**Problem to solve**
Some of the lines below need repeating. Reproduce exactly those between the lines holding "8.12, 0.0), z_axis=(0.0, 0.0, 1.0), x_axis=(1.0, 0.0, 0.0)))" and "-10.525, 0.0), z_axis=(0.0, 0.0, 1.0), x_axis=(0.0, 1.0, 0.0)))", inclusive.

Stored entries:
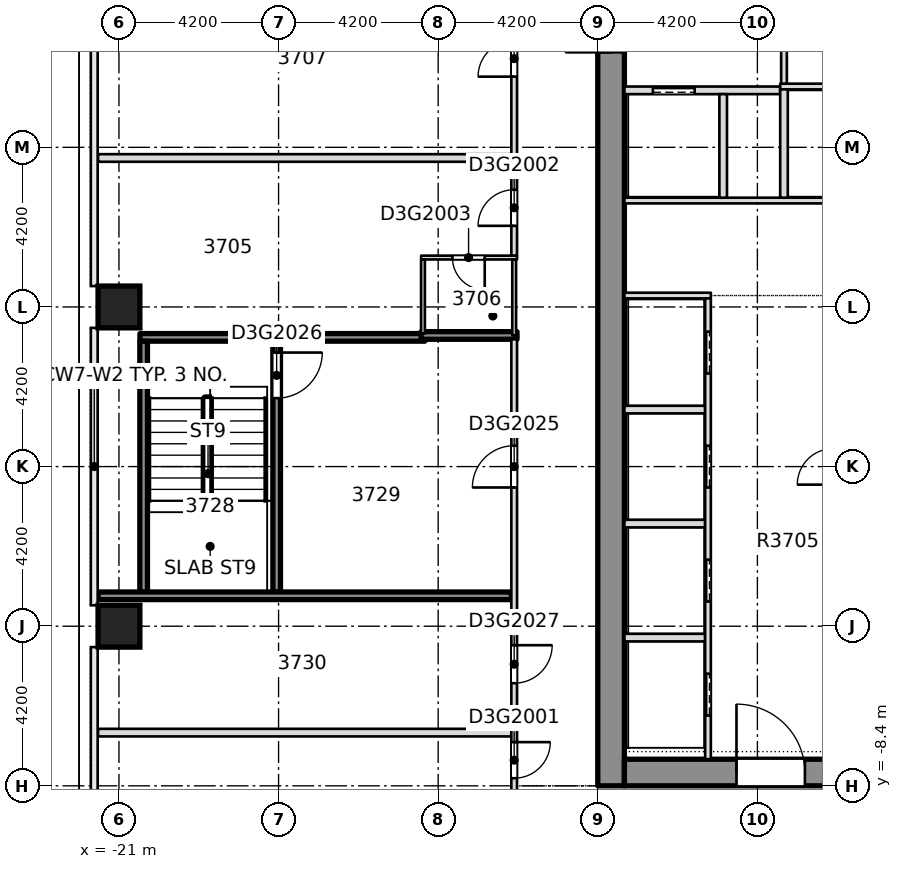
"""IFC4 building model, lengths in metres.
Left out: names, types, materials, properties, quantities, classifications, styles, units other than length and angle.
Written with IfcOpenShell. Run it as: python <this file> out.ifc"""

import sys

from ifc_helpers import new_model, si_unit, direction, frame, frame_2d, origin, origin_2d, place, context, subcontext, project, spatial, rectangle, extrude, element, fill, save


model = new_model("IFC4")
c1 = context("Model", 3, precision=1e-05, world=origin(), true_north=direction((0.0, 1.0)))
c2 = subcontext(c1, "Body", "Model", "MODEL_VIEW")
j1 = project(units=[si_unit("LENGTHUNIT", "METRE"), si_unit("PLANEANGLEUNIT", "RADIAN")], contexts=[c1])
p1 = place(None, origin())
s1 = spatial("IfcSite", under=j1, at=p1, CompositionType="ELEMENT")
p2 = place(p1, origin())
s2 = spatial("IfcBuilding", under=s1, at=p2, CompositionType="ELEMENT")
p3 = place(p2, frame((0.0, 0.0, 146.9)))
s3 = spatial("IfcBuildingStorey", under=s2, at=p3, CompositionType="ELEMENT", Elevation=146.9)
p4 = place(p3, frame((-8.05, -8.4, -0.4), z_axis=(0.0, 0.0, 1.0), x_axis=(0.0, 1.0, 0.0)))
e1 = element("IfcWall", 1, at=p4, inside=s3, PredefinedType="SOLIDWALL", context=c2, shape_type="SweptSolid", body=[
    extrude(rectangle(XDim=30.15, YDim=0.7, at=frame_2d((15.075, 0.0))), origin(), (0.0, 0.0, 1.0), 3.45),
])
p5 = place(p4, frame((19.3, 0.0, 0.4)))
e2 = element("IfcOpeningElement", 2, at=p5, cuts=e1, PredefinedType="OPENING", context=c2, shape_type="SweptSolid", body=[
    extrude(rectangle(XDim=1.2, YDim=2.1, at=frame_2d((0.6, 1.05))), frame((0.0, 0.36, 0.0), z_axis=(0.0, -1.0, 0.0), x_axis=(1.0, 0.0, 0.0)), (0.0, 0.0, 1.0), 0.72),
])
p6 = place(p3, frame((-7.7, -8.05, -0.4), z_axis=(0.0, 0.0, 1.0), x_axis=(1.0, 0.0, 0.0)))
e3 = element("IfcWall", 3, at=p6, inside=s3, PredefinedType="SHEAR", context=c2, shape_type="SweptSolid", body=[
    extrude(rectangle(XDim=15.4, YDim=0.7, at=frame_2d((7.7, 0.0))), origin(), (0.0, 0.0, 1.0), 3.45),
])
p7 = place(p6, frame((2.95, 0.0, 0.4)))
e4 = element("IfcOpeningElement", 4, at=p7, cuts=e3, PredefinedType="OPENING", context=c2, shape_type="SweptSolid", body=[
    extrude(rectangle(XDim=1.8, YDim=2.1, at=frame_2d((0.9, 1.05))), frame((0.0, 0.36, 0.0), z_axis=(0.0, -1.0, 0.0), x_axis=(1.0, 0.0, 0.0)), (0.0, 0.0, 1.0), 0.72),
])
p8 = place(p6, frame((10.65, 0.0, 0.4)))
e5 = element("IfcOpeningElement", 5, at=p8, cuts=e3, PredefinedType="OPENING", context=c2, shape_type="SweptSolid", body=[
    extrude(rectangle(XDim=1.8, YDim=2.1, at=frame_2d((0.9, 1.05))), frame((0.0, 0.36, 0.0), z_axis=(0.0, -1.0, 0.0), x_axis=(1.0, 0.0, 0.0)), (0.0, 0.0, 1.0), 0.72),
])
for number, where, z_axis, x_axis in (
    (6, (-21.0, -4.2, -0.4), (0.0, 0.0, 1.0), (1.0, 0.0, 0.0)),
    (7, (-21.0, 4.2, -0.4), (0.0, 0.0, 1.0), (1.0, 0.0, 0.0)),
):
    element("IfcColumn", number, at=place(p3, frame(where, z_axis=z_axis, x_axis=x_axis)), inside=s3, PredefinedType="COLUMN", context=c2, shape_type="SweptSolid", body=[
        extrude(rectangle(XDim=1.1, YDim=1.1, at=origin_2d()), origin(), (0.0, 0.0, 1.0), 3.45),
    ])
p9 = place(p3, frame((-21.55, -7.0, 0.0), z_axis=(0.0, 0.0, 1.0), x_axis=(1.0, 0.0, 0.0)))
e8 = element("IfcWall", 8, at=p9, inside=s3, PredefinedType="PARTITIONING", context=c2, shape_type="SweptSolid", body=[
    extrude(rectangle(XDim=10.875, YDim=0.2, at=frame_2d((5.438, 0.0))), origin(), (0.0, 0.0, 1.0), 3.05),
])
p10 = place(p3, frame((-20.448, 3.4, 0.0), z_axis=(0.0, 0.0, 1.0), x_axis=(1.0, 0.0, 0.0)))
e9 = element("IfcWall", 9, at=p10, inside=s3, PredefinedType="SOLIDWALL", context=c2, shape_type="SweptSolid", body=[
    extrude(rectangle(XDim=7.498, YDim=0.2, at=frame_2d((3.749, 0.0))), origin(), (0.0, 0.0, 1.0), 3.05),
])
p11 = place(p3, frame((-13.05, 3.45, 0.0), z_axis=(0.0, 0.0, 1.0), x_axis=(1.0, 0.0, 0.0)))
e10 = element("IfcWall", 10, at=p11, inside=s3, PredefinedType="SOLIDWALL", context=c2, shape_type="SweptSolid", body=[
    extrude(rectangle(XDim=2.525, YDim=0.2, at=frame_2d((1.263, 0.0))), origin(), (0.0, 0.0, 1.0), 3.05),
])
p12 = place(p3, frame((-13.048, 5.5, 0.0), z_axis=(0.0, 0.0, 1.0), x_axis=(1.0, 0.0, 0.0)))
e11 = element("IfcWall", 11, at=p12, inside=s3, PredefinedType="PARTITIONING", context=c2, shape_type="SweptSolid", body=[
    extrude(rectangle(XDim=2.523, YDim=0.1, at=frame_2d((1.262, 0.0))), origin(), (0.0, 0.0, 1.0), 3.05),
])
p13 = place(p12, frame((0.823, 0.0, 0.0)))
e12 = element("IfcOpeningElement", 12, at=p13, cuts=e11, PredefinedType="OPENING", context=c2, shape_type="SweptSolid", body=[
    extrude(rectangle(XDim=0.85, YDim=2.1, at=frame_2d((0.425, 1.05))), frame((0.0, 0.06, 0.0), z_axis=(0.0, -1.0, 0.0), x_axis=(1.0, 0.0, 0.0)), (0.0, 0.0, 1.0), 0.12),
])
p14 = place(p3, frame((-21.55, 8.12, 0.0), z_axis=(0.0, 0.0, 1.0), x_axis=(1.0, 0.0, 0.0)))
e13 = element("IfcWall", 13, at=p14, inside=s3, PredefinedType="PARTITIONING", context=c2, shape_type="SweptSolid", body=[
    extrude(rectangle(XDim=10.875, YDim=0.2, at=frame_2d((5.438, 0.0))), origin(), (0.0, 0.0, 1.0), 3.05),
])
p15 = place(p3, frame((-20.35, -3.298, 0.0), z_axis=(0.0, 0.0, 1.0), x_axis=(0.0, 1.0, 0.0)))
e14 = element("IfcWall", 14, at=p15, inside=s3, PredefinedType="SOLIDWALL", context=c2, shape_type="SweptSolid", body=[
    extrude(rectangle(XDim=6.596, YDim=0.2, at=frame_2d((3.298, 0.0))), origin(), (0.0, 0.0, 1.0), 3.05),
])
p16 = place(p3, frame((-16.85, -3.3, 0.0), z_axis=(0.0, 0.0, 1.0), x_axis=(0.0, 1.0, 0.0)))
e15 = element("IfcWall", 15, at=p16, inside=s3, PredefinedType="SOLIDWALL", context=c2, shape_type="SweptSolid", body=[
    extrude(rectangle(XDim=6.6, YDim=0.2, at=frame_2d((3.3, 0.0))), origin(), (0.0, 0.0, 1.0), 3.05),
])
p17 = place(p16, frame((5.1, 0.0, 0.0)))
e16 = element("IfcOpeningElement", 16, at=p17, cuts=e15, PredefinedType="OPENING", context=c2, shape_type="SweptSolid", body=[
    extrude(rectangle(XDim=1.2, YDim=2.1, at=frame_2d((0.6, 1.05))), frame((0.0, 0.11, 0.0), z_axis=(0.0, -1.0, 0.0), x_axis=(1.0, 0.0, 0.0)), (0.0, 0.0, 1.0), 0.22),
])
p18 = place(p3, frame((-13.0, 3.5, 0.0), z_axis=(0.0, 0.0, 1.0), x_axis=(0.0, 1.0, 0.0)))
e17 = element("IfcWall", 17, at=p18, inside=s3, PredefinedType="PARTITIONING", context=c2, shape_type="SweptSolid", body=[
    extrude(rectangle(XDim=1.948, YDim=0.1, at=frame_2d((0.974, 0.0))), origin(), (0.0, 0.0, 1.0), 3.05),
])
p19 = place(p3, frame((-10.6, -10.525, 0.0), z_axis=(0.0, 0.0, 1.0), x_axis=(0.0, 1.0, 0.0)))
e18 = element("IfcWall", 18, at=p19, inside=s3, PredefinedType="PARTITIONING", context=c2, shape_type="SweptSolid", body=[
    extrude(rectangle(XDim=13.875, YDim=0.15, at=frame_2d((6.938, 0.0))), origin(), (0.0, 0.0, 1.0), 3.05),
])
p20 = place(p19, frame((2.325, 0.0, 0.0)))
e19 = element("IfcOpeningElement", 19, at=p20, cuts=e18, PredefinedType="OPENING", context=c2, shape_type="SweptSolid", body=[
    extrude(rectangle(XDim=0.95, YDim=2.1, at=frame_2d((0.475, 1.05))), frame((0.0, 0.085, 0.0), z_axis=(0.0, -1.0, 0.0), x_axis=(1.0, 0.0, 0.0)), (0.0, 0.0, 1.0), 0.17),
])
p21 = place(p19, frame((9.975, 0.0, 0.0)))
e20 = element("IfcOpeningElement", 20, at=p21, cuts=e18, PredefinedType="OPENING", context=c2, shape_type="SweptSolid", body=[
    extrude(rectangle(XDim=1.1, YDim=2.1, at=frame_2d((0.55, 1.05))), frame((0.0, 0.085, 0.0), z_axis=(0.0, -1.0, 0.0), x_axis=(1.0, 0.0, 0.0)), (0.0, 0.0, 1.0), 0.17),
])
p22 = place(p19, frame((4.825, 0.0, 0.0)))
e21 = element("IfcOpeningElement", 21, at=p22, cuts=e18, PredefinedType="OPENING", context=c2, shape_type="SweptSolid", body=[
    extrude(rectangle(XDim=1.0, YDim=2.1, at=frame_2d((0.5, 1.05))), frame((0.0, 0.085, 0.0), z_axis=(0.0, -1.0, 0.0), x_axis=(1.0, 0.0, 0.0)), (0.0, 0.0, 1.0), 0.17),
])
p23 = place(p3, frame((-10.6, 3.45, 0.0), z_axis=(0.0, 0.0, 1.0), x_axis=(0.0, 1.0, 0.0)))
e22 = element("IfcWall", 22, at=p23, inside=s3, PredefinedType="PARTITIONING", context=c2, shape_type="SweptSolid", body=[
    extrude(rectangle(XDim=2.0, YDim=0.1, at=frame_2d((1.0, 0.0))), origin(), (0.0, 0.0, 1.0), 3.05),
])
p24 = place(p3, frame((-10.6, 5.55, 0.0), z_axis=(0.0, 0.0, 1.0), x_axis=(0.0, 1.0, 0.0)))
e23 = element("IfcWall", 23, at=p24, inside=s3, PredefinedType="PARTITIONING", context=c2, shape_type="SweptSolid", body=[
    extrude(rectangle(XDim=7.75, YDim=0.15, at=frame_2d((3.875, 0.0))), origin(), (0.0, 0.0, 1.0), 3.05),
])
p25 = place(p24, frame((0.785, 0.0, 0.0)))
e24 = element("IfcOpeningElement", 24, at=p25, cuts=e23, PredefinedType="OPENING", context=c2, shape_type="SweptSolid", body=[
    extrude(rectangle(XDim=0.95, YDim=2.1, at=frame_2d((0.475, 1.05))), frame((0.0, 0.085, 0.0), z_axis=(0.0, -1.0, 0.0), x_axis=(1.0, 0.0, 0.0)), (0.0, 0.0, 1.0), 0.17),
])
p26 = place(p24, frame((4.71, 0.0, 0.0)))
e25 = element("IfcOpeningElement", 25, at=p26, cuts=e23, PredefinedType="OPENING", context=c2, shape_type="SweptSolid", body=[
    extrude(rectangle(XDim=0.95, YDim=2.1, at=frame_2d((0.475, 1.05))), frame((0.0, 0.085, 0.0), z_axis=(0.0, -1.0, 0.0), x_axis=(1.0, 0.0, 0.0)), (0.0, 0.0, 1.0), 0.17),
])
for number, where, z_axis, x_axis in (
    (26, (-7.699, -4.5, 0.0), (0.0, 0.0, 1.0), (1.0, 0.0, 0.0)),
    (27, (-7.699, -1.5, 0.0), (0.0, 0.0, 1.0), (1.0, 0.0, 0.0)),
    (28, (-7.699, 1.5, 0.0), (0.0, 0.0, 1.0), (1.0, 0.0, 0.0)),
):
    element("IfcWall", number, at=place(p3, frame(where, z_axis=z_axis, x_axis=x_axis)), inside=s3, PredefinedType="PARTITIONING", context=c2, shape_type="SweptSolid", body=[
        extrude(rectangle(XDim=2.124, YDim=0.2, at=frame_2d((1.062, 0.0))), origin(), (0.0, 0.0, 1.0), 3.05),
    ])
p27 = place(p3, frame((-7.699, 4.5, 0.0), z_axis=(0.0, 0.0, 1.0), x_axis=(1.0, 0.0, 0.0)))
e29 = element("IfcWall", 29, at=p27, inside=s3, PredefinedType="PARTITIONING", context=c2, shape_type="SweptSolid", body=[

**Answer to this task**
p14 = place(p3, frame((-21.55, 8.12, 0.0), z_axis=(0.0, 0.0, 1.0), x_axis=(1.0, 0.0, 0.0)))
e13 = element("IfcWall", 13, at=p14, inside=s3, PredefinedType="PARTITIONING", context=c2, shape_type="SweptSolid", body=[
    extrude(rectangle(XDim=10.875, YDim=0.2, at=frame_2d((5.438, 0.0))), origin(), (0.0, 0.0, 1.0), 3.05),
])
p15 = place(p3, frame((-20.35, -3.298, 0.0), z_axis=(0.0, 0.0, 1.0), x_axis=(0.0, 1.0, 0.0)))
e14 = element("IfcWall", 14, at=p15, inside=s3, PredefinedType="SOLIDWALL", context=c2, shape_type="SweptSolid", body=[
    extrude(rectangle(XDim=6.596, YDim=0.2, at=frame_2d((3.298, 0.0))), origin(), (0.0, 0.0, 1.0), 3.05),
])
p16 = place(p3, frame((-16.85, -3.3, 0.0), z_axis=(0.0, 0.0, 1.0), x_axis=(0.0, 1.0, 0.0)))
e15 = element("IfcWall", 15, at=p16, inside=s3, PredefinedType="SOLIDWALL", context=c2, shape_type="SweptSolid", body=[
    extrude(rectangle(XDim=6.6, YDim=0.2, at=frame_2d((3.3, 0.0))), origin(), (0.0, 0.0, 1.0), 3.05),
])
p17 = place(p16, frame((5.1, 0.0, 0.0)))
e16 = element("IfcOpeningElement", 16, at=p17, cuts=e15, PredefinedType="OPENING", context=c2, shape_type="SweptSolid", body=[
    extrude(rectangle(XDim=1.2, YDim=2.1, at=frame_2d((0.6, 1.05))), frame((0.0, 0.11, 0.0), z_axis=(0.0, -1.0, 0.0), x_axis=(1.0, 0.0, 0.0)), (0.0, 0.0, 1.0), 0.22),
])
p18 = place(p3, frame((-13.0, 3.5, 0.0), z_axis=(0.0, 0.0, 1.0), x_axis=(0.0, 1.0, 0.0)))
e17 = element("IfcWall", 17, at=p18, inside=s3, PredefinedType="PARTITIONING", context=c2, shape_type="SweptSolid", body=[
    extrude(rectangle(XDim=1.948, YDim=0.1, at=frame_2d((0.974, 0.0))), origin(), (0.0, 0.0, 1.0), 3.05),
])
p19 = place(p3, frame((-10.6, -10.525, 0.0), z_axis=(0.0, 0.0, 1.0), x_axis=(0.0, 1.0, 0.0)))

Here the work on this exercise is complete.